◆ EXERCISE PROMPT ◆
For the data below, work out how many lines contain the word "under" and supply only that number.

[Saved entries]
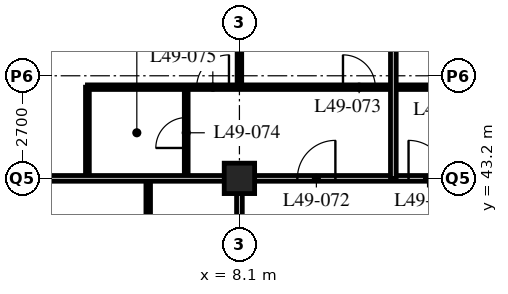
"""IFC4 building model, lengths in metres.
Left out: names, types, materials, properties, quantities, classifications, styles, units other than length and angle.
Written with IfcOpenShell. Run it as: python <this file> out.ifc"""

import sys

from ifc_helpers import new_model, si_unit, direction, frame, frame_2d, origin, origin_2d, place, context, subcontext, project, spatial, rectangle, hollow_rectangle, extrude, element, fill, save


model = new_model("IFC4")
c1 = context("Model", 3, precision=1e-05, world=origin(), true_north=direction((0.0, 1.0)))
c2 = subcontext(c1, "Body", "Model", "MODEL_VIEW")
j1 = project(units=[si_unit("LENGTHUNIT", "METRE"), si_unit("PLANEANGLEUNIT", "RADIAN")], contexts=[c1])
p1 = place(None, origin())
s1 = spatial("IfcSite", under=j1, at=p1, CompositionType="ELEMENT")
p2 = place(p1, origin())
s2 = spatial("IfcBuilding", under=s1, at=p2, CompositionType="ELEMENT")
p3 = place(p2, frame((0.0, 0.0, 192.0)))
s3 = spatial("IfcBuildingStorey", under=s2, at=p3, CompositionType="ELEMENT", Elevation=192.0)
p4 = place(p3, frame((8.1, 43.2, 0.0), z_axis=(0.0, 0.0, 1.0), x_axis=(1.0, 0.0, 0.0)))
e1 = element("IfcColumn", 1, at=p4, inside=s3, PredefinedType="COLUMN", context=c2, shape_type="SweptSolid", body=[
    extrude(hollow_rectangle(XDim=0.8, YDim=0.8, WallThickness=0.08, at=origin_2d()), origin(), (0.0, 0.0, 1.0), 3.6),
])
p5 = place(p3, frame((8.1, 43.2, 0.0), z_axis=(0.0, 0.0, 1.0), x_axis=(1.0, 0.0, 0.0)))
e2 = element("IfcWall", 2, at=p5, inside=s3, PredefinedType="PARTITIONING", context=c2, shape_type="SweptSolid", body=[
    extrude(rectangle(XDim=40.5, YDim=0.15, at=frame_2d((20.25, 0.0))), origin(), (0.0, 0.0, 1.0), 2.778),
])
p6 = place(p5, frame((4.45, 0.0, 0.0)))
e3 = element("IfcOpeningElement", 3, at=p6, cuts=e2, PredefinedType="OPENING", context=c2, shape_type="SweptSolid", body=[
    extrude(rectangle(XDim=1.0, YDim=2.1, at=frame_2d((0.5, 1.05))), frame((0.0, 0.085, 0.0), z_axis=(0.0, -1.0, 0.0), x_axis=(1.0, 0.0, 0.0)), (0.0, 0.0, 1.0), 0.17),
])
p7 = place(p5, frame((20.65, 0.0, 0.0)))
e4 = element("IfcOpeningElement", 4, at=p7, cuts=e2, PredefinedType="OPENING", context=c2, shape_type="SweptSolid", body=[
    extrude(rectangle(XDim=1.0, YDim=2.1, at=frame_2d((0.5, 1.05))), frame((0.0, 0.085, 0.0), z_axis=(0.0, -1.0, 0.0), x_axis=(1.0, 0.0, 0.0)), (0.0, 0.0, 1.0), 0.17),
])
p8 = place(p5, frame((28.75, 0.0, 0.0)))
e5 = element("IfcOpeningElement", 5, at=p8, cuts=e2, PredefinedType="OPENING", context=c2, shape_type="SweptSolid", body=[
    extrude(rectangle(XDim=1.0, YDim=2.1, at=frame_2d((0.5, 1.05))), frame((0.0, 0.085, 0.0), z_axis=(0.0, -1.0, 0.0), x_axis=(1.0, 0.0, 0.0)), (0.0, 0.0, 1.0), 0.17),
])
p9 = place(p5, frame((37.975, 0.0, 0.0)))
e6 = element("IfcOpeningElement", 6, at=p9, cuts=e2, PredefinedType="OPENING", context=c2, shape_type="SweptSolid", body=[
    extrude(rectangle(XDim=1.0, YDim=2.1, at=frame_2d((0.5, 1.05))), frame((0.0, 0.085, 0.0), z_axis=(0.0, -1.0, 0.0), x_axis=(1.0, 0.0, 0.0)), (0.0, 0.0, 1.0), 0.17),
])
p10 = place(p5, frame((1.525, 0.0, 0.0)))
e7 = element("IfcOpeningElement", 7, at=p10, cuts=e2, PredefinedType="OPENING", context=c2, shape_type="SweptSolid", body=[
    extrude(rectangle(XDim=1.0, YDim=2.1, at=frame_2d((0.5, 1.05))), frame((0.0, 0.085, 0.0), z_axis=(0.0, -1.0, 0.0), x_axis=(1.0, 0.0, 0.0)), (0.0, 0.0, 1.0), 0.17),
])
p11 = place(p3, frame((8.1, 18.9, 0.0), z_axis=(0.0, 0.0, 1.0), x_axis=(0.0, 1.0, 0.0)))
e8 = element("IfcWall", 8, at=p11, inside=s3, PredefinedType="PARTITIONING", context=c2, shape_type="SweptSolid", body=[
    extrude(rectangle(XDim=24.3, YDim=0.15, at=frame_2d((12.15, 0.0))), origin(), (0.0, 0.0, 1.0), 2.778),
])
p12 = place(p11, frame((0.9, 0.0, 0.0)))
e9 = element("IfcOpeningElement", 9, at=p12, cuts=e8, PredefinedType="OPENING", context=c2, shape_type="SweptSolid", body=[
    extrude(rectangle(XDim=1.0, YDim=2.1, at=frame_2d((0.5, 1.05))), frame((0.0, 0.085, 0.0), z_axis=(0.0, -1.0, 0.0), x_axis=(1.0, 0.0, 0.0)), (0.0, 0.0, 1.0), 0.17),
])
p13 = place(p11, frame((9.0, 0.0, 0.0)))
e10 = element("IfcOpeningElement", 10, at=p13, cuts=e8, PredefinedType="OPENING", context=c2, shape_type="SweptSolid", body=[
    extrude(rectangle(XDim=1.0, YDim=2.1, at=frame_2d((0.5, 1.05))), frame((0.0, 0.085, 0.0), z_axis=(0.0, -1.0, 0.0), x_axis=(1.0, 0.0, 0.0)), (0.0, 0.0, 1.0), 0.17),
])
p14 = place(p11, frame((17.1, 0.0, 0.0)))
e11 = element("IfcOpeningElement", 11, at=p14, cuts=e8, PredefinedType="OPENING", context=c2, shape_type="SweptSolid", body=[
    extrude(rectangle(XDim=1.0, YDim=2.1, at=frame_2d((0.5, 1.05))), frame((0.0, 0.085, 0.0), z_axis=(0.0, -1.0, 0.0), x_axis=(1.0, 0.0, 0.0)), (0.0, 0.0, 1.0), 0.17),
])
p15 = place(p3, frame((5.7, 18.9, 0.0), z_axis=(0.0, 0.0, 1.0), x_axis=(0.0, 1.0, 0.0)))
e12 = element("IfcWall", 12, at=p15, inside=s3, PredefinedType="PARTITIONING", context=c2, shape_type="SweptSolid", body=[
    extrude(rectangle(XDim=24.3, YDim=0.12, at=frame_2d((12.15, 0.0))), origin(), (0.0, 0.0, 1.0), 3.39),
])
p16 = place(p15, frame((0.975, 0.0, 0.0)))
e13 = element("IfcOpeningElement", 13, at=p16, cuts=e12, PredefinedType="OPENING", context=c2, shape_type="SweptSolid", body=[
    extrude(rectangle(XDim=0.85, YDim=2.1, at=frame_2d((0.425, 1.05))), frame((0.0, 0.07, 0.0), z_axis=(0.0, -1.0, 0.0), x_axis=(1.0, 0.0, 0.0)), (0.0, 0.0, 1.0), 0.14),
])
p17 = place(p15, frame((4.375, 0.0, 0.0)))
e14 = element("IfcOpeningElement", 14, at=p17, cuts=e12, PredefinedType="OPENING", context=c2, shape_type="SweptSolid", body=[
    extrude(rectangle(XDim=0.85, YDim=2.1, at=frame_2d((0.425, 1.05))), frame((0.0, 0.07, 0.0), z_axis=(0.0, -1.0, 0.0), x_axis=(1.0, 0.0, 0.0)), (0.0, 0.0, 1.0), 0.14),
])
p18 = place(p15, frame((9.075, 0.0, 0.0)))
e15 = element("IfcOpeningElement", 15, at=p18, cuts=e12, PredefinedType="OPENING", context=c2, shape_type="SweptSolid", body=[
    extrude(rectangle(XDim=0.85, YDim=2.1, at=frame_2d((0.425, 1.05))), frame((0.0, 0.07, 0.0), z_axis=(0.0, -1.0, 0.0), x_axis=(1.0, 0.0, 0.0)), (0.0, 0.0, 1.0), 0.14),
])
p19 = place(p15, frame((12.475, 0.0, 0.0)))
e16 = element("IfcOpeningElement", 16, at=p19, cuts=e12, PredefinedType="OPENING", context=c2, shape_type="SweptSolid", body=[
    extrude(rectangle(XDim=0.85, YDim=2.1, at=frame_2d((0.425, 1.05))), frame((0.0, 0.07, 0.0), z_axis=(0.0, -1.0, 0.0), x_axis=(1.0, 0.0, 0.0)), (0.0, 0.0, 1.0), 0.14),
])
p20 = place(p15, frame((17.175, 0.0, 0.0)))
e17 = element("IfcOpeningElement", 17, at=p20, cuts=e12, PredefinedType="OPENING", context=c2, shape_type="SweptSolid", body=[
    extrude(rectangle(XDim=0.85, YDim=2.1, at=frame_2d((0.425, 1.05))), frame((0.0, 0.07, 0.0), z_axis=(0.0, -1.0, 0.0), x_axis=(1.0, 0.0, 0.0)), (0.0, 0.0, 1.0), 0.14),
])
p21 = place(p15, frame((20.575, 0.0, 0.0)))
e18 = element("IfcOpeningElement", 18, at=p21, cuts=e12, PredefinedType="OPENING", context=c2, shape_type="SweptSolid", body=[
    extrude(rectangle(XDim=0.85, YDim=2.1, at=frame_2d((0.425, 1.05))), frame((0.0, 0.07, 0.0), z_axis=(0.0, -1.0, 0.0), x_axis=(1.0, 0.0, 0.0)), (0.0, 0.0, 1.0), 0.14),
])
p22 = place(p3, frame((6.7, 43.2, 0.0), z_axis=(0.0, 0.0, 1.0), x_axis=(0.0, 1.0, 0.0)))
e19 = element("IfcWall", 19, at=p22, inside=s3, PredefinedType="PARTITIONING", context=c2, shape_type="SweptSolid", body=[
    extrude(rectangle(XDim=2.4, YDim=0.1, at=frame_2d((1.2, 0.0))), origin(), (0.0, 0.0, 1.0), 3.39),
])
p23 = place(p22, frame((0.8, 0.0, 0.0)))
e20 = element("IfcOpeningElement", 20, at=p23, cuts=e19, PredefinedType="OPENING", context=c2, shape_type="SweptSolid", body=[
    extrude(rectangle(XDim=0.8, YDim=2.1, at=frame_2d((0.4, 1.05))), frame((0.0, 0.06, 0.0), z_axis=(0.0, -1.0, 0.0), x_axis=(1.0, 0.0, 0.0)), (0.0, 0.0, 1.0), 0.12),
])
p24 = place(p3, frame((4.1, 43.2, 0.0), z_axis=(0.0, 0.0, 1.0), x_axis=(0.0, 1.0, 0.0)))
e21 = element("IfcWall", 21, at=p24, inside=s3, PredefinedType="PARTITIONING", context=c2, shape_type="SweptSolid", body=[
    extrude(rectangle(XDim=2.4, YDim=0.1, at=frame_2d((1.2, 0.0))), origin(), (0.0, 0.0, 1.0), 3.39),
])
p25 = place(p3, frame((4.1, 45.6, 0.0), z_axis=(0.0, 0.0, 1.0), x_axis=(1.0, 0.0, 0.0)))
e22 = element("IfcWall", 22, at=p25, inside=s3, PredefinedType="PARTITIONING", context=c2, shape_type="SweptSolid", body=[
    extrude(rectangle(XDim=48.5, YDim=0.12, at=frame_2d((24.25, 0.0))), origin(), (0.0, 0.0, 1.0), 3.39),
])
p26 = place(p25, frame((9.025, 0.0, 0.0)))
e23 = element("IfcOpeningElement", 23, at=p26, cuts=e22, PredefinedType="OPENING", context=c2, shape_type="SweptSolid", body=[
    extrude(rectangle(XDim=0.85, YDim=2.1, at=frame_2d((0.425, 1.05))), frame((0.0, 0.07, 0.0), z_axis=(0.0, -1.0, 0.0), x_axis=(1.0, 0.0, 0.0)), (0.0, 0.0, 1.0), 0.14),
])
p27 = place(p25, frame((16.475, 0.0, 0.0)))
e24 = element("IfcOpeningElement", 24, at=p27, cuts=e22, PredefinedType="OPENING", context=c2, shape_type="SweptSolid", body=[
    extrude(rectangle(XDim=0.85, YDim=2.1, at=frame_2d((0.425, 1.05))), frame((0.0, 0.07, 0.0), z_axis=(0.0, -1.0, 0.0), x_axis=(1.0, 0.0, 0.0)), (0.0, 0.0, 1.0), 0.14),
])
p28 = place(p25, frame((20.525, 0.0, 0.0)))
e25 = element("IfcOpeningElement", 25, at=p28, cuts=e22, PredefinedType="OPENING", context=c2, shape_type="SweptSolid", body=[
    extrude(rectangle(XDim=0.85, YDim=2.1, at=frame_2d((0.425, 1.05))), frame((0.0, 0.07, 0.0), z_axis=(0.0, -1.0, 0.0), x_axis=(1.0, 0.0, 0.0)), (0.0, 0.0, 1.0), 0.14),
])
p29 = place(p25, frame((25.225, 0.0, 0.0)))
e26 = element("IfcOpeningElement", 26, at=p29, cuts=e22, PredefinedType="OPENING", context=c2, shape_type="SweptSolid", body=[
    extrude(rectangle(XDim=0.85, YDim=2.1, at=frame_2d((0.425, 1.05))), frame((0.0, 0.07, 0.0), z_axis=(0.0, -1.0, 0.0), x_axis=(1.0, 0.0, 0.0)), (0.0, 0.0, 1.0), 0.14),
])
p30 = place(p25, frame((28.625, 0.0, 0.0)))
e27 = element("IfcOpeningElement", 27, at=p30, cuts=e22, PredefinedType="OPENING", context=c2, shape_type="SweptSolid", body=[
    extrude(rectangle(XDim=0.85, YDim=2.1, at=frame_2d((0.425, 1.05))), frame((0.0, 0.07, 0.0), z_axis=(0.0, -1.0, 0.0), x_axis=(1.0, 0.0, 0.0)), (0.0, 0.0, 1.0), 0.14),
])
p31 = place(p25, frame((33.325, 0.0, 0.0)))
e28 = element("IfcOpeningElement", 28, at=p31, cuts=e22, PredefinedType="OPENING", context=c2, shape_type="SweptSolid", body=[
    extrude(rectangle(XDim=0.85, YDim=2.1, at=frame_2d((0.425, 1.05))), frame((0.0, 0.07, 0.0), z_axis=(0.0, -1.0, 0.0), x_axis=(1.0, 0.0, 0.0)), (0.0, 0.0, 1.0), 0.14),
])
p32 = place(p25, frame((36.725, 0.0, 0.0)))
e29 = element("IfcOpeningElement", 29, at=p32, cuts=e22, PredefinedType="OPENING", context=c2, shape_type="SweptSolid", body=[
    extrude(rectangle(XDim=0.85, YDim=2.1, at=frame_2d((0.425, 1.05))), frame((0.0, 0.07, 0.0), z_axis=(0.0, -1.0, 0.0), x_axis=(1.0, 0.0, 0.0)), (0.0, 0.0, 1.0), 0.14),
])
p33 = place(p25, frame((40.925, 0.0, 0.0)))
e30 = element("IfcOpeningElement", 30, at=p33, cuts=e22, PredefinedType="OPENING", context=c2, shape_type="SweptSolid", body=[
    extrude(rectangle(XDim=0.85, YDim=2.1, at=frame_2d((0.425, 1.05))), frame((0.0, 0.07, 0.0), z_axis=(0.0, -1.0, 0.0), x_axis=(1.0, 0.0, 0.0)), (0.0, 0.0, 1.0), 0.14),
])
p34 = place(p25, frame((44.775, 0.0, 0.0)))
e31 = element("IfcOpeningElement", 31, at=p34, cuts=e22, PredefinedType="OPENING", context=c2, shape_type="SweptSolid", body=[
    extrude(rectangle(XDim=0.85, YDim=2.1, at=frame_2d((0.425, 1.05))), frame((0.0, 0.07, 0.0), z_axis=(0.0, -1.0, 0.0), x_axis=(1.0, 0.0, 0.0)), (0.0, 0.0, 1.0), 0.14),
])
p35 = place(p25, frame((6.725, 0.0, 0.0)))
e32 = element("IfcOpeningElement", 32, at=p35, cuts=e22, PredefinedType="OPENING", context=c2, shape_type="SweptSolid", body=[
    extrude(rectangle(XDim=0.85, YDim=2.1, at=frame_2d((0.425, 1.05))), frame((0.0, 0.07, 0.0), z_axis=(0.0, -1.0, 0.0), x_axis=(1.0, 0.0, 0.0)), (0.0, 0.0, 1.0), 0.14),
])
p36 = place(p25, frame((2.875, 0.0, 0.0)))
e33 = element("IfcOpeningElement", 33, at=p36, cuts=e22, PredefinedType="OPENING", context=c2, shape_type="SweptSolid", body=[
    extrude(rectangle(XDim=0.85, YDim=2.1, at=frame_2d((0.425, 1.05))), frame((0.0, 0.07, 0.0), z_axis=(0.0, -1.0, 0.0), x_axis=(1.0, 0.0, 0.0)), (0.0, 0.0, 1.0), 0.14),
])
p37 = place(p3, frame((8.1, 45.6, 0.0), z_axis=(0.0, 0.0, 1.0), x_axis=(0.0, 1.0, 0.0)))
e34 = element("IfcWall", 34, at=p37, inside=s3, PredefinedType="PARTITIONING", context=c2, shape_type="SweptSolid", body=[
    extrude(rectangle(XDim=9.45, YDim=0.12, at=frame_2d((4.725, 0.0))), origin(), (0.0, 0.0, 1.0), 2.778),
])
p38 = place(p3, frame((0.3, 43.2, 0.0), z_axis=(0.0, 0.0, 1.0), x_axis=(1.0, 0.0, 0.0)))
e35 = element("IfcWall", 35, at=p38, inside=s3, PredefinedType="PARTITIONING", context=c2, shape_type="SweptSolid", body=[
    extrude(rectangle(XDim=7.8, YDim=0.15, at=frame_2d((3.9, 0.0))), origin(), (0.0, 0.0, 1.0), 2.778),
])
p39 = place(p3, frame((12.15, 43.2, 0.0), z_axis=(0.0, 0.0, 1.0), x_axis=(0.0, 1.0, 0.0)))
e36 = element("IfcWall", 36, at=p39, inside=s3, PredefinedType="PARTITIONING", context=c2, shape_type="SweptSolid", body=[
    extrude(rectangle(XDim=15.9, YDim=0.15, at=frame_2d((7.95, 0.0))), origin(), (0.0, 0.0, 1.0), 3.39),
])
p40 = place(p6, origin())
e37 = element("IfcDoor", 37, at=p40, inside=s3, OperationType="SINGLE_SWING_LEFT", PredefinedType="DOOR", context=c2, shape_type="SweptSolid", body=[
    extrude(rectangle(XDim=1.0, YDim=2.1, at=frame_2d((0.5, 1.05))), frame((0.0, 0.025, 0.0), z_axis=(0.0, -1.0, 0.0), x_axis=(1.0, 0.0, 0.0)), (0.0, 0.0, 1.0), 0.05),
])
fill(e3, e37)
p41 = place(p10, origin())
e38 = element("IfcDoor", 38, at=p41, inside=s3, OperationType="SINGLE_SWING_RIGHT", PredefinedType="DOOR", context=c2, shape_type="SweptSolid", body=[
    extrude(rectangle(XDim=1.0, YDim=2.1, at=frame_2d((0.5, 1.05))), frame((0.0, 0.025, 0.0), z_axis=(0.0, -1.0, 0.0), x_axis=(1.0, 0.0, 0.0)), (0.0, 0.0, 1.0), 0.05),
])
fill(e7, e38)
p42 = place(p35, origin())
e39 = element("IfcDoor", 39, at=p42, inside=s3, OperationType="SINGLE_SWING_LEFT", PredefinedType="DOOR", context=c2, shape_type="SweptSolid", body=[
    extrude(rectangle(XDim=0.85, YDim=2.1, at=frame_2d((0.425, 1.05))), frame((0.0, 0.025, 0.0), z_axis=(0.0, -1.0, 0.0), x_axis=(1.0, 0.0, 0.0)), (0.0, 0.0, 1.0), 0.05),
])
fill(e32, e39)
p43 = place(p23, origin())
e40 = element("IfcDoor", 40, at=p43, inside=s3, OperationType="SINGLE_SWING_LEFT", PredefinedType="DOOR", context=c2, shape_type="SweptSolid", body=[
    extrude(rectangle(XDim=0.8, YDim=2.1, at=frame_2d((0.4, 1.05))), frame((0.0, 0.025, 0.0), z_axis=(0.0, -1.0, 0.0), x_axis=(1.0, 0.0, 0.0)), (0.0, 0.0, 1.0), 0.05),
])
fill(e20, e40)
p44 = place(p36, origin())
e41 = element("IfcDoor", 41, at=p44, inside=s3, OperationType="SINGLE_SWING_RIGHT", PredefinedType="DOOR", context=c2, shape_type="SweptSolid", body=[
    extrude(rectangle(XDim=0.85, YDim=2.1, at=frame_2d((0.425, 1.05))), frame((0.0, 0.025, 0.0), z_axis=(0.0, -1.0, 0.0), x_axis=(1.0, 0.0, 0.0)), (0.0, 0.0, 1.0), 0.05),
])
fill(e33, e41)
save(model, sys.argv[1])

◆ RESPONSE TO THIS TASK ◆
3